▶ _THE DATA_:
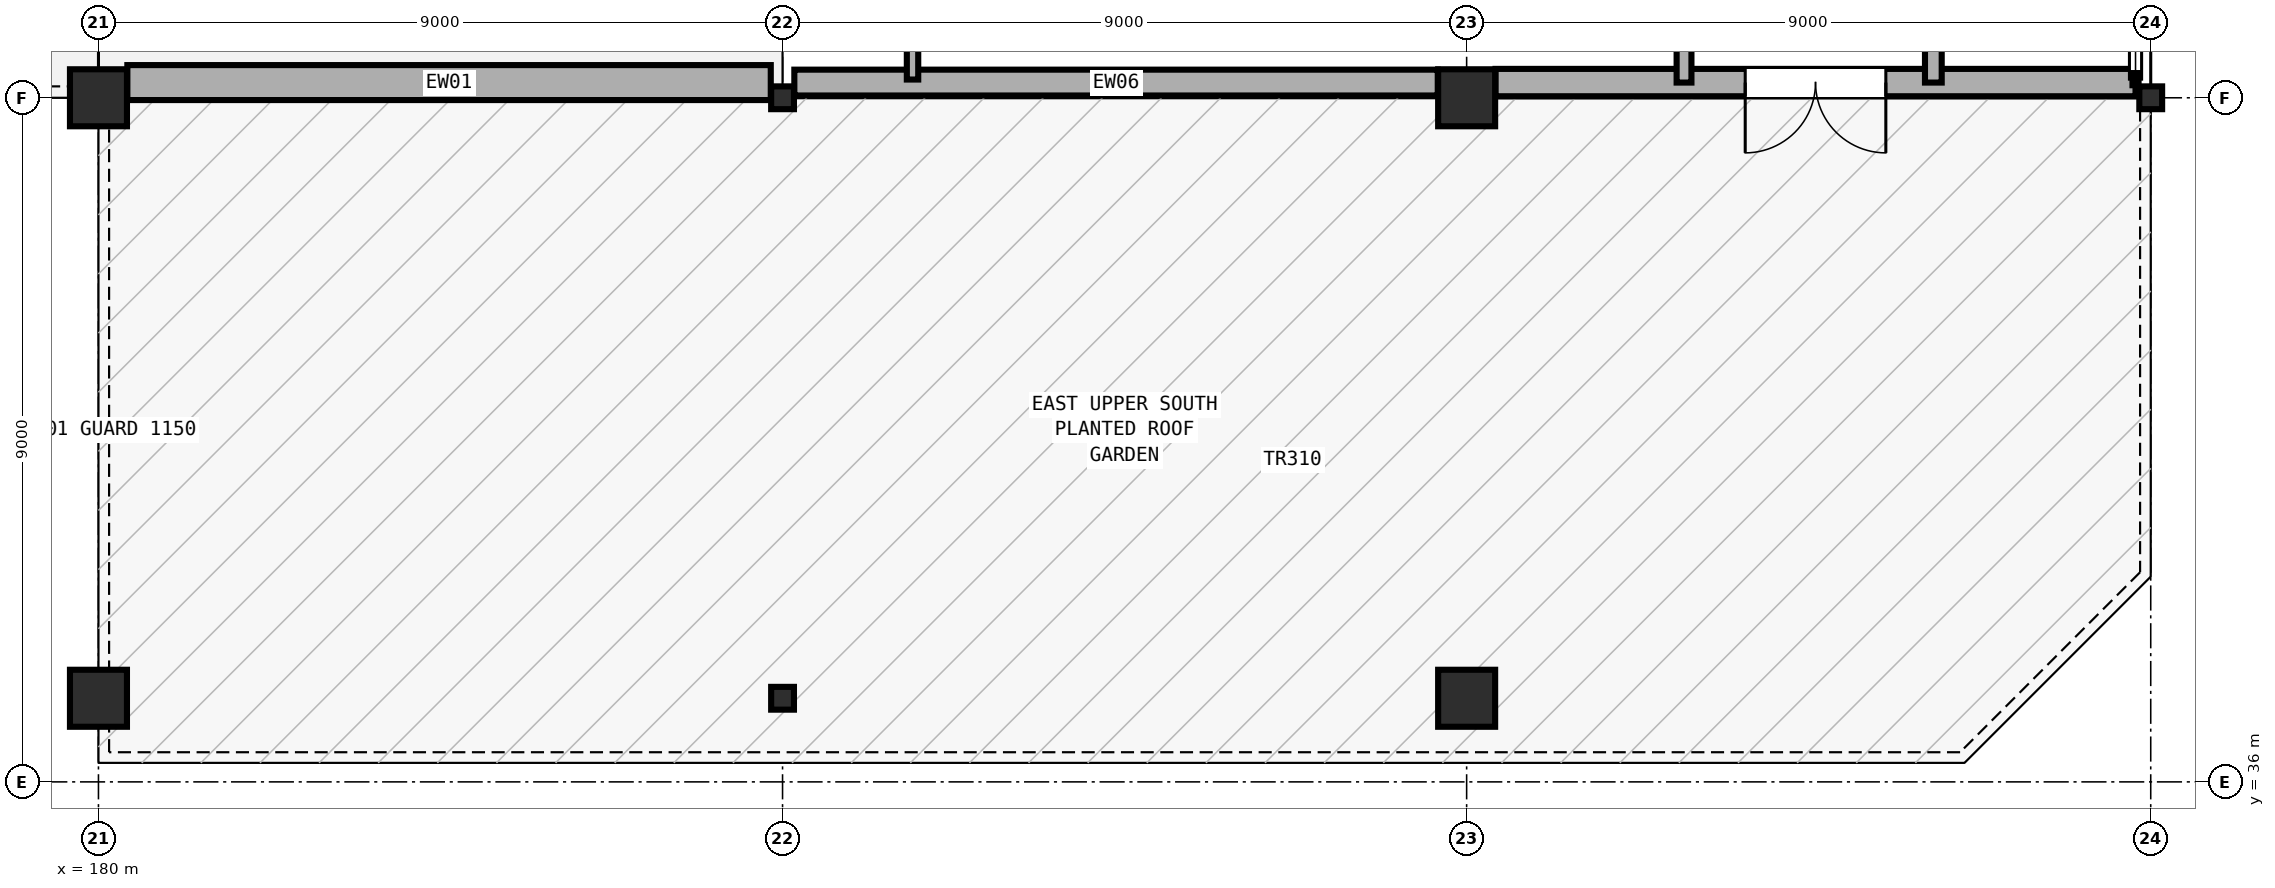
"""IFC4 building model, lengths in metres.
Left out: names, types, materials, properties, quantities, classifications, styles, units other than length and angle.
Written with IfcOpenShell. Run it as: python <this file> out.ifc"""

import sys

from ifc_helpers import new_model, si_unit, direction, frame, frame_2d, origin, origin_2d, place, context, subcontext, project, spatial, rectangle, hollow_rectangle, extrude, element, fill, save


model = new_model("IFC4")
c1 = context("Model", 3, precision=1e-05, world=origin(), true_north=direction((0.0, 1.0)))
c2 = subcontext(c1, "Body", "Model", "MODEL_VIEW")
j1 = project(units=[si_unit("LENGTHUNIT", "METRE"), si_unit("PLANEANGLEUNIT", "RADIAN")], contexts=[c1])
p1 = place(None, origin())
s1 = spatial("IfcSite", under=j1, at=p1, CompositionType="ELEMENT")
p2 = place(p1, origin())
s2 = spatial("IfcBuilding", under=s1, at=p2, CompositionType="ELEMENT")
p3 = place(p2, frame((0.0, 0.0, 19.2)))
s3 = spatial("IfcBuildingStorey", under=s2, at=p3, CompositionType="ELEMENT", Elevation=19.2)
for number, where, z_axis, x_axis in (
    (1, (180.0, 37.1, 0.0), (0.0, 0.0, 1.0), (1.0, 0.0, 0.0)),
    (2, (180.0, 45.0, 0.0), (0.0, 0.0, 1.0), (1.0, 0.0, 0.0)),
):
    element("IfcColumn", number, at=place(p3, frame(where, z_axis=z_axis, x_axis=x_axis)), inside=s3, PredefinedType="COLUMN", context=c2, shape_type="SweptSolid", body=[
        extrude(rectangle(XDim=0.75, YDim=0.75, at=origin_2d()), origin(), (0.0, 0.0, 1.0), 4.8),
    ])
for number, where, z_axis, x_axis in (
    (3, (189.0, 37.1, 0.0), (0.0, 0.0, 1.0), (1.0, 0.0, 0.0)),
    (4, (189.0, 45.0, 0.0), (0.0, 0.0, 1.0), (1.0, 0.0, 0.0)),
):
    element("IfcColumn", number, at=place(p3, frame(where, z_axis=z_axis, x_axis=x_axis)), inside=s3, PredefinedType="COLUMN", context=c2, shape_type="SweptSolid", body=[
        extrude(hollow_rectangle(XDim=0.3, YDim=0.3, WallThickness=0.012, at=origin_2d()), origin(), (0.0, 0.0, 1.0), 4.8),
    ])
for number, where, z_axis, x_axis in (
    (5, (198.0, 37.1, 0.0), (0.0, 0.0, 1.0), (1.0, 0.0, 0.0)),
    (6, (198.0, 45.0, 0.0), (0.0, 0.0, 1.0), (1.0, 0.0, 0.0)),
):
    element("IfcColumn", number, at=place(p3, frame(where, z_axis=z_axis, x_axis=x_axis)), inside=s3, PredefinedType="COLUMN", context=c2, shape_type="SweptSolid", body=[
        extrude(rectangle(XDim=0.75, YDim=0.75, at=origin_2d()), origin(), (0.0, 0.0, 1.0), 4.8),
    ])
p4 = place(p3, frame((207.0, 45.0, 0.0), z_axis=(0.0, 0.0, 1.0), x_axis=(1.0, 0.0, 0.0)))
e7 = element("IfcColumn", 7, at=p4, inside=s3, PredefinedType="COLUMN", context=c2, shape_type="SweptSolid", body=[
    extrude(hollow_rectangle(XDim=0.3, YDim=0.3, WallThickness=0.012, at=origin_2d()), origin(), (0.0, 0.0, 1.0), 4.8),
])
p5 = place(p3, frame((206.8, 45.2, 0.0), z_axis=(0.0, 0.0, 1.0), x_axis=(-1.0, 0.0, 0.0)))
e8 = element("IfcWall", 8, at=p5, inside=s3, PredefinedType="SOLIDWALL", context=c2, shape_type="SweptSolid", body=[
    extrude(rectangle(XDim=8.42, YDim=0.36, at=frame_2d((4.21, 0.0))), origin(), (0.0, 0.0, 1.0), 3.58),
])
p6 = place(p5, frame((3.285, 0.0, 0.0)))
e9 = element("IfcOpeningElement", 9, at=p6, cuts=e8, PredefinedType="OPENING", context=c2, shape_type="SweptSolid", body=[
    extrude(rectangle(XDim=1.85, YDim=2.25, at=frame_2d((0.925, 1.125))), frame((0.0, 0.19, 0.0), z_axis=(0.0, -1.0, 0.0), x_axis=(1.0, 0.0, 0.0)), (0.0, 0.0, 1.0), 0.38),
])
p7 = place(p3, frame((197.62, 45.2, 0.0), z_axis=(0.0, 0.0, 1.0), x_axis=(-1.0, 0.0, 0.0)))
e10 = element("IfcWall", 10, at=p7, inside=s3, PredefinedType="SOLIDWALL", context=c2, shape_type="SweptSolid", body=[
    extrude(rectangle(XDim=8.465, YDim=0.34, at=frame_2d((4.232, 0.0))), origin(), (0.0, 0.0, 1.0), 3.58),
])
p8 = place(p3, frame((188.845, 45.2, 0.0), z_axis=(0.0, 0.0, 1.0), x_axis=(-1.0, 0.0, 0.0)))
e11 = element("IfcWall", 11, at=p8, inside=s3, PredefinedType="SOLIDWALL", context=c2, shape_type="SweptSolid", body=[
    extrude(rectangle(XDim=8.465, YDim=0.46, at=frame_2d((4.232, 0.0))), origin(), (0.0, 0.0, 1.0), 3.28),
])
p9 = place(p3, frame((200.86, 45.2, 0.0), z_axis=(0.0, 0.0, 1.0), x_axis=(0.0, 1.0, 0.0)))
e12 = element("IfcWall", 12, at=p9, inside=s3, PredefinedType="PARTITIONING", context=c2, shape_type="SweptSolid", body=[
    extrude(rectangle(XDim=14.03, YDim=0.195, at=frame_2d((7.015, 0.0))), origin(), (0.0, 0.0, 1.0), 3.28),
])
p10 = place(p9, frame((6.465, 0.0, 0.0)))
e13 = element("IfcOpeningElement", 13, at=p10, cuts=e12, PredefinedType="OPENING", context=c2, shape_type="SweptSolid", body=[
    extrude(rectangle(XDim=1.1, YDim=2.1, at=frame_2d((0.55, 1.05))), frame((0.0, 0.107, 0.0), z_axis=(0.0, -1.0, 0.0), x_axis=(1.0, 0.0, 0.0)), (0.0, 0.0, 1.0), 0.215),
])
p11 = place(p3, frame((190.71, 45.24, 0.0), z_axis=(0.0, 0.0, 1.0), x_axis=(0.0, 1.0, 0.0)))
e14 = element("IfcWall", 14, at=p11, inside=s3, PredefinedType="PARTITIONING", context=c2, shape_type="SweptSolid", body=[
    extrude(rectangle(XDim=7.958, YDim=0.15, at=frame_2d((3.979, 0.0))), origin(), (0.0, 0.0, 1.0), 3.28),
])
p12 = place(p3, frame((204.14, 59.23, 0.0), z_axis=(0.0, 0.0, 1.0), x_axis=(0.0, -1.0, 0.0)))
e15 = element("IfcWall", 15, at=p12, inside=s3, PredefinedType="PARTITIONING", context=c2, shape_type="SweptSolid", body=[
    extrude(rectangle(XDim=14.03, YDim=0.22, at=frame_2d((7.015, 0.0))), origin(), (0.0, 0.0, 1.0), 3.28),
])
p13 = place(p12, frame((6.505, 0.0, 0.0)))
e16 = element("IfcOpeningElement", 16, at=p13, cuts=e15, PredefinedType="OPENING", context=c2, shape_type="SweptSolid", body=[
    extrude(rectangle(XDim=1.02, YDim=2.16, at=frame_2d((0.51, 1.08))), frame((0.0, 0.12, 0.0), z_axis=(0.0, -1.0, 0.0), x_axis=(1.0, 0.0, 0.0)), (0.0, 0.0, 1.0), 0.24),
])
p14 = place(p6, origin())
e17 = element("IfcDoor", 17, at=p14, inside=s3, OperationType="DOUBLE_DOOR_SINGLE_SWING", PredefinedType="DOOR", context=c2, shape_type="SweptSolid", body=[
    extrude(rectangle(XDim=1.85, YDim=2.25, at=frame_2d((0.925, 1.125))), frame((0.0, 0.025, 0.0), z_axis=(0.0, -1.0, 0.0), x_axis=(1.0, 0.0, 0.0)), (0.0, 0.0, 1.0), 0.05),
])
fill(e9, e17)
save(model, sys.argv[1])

▶ _PROBLEM DESCRIPTION_: The answer must be every line of the data that contains the word "spatial".

▶ _TASK ANSWER_:
from ifc_helpers import new_model, si_unit, direction, frame, frame_2d, origin, origin_2d, place, context, subcontext, project, spatial, rectangle, hollow_rectangle, extrude, element, fill, save
s1 = spatial("IfcSite", under=j1, at=p1, CompositionType="ELEMENT")
s2 = spatial("IfcBuilding", under=s1, at=p2, CompositionType="ELEMENT")
s3 = spatial("IfcBuildingStorey", under=s2, at=p3, CompositionType="ELEMENT", Elevation=19.2)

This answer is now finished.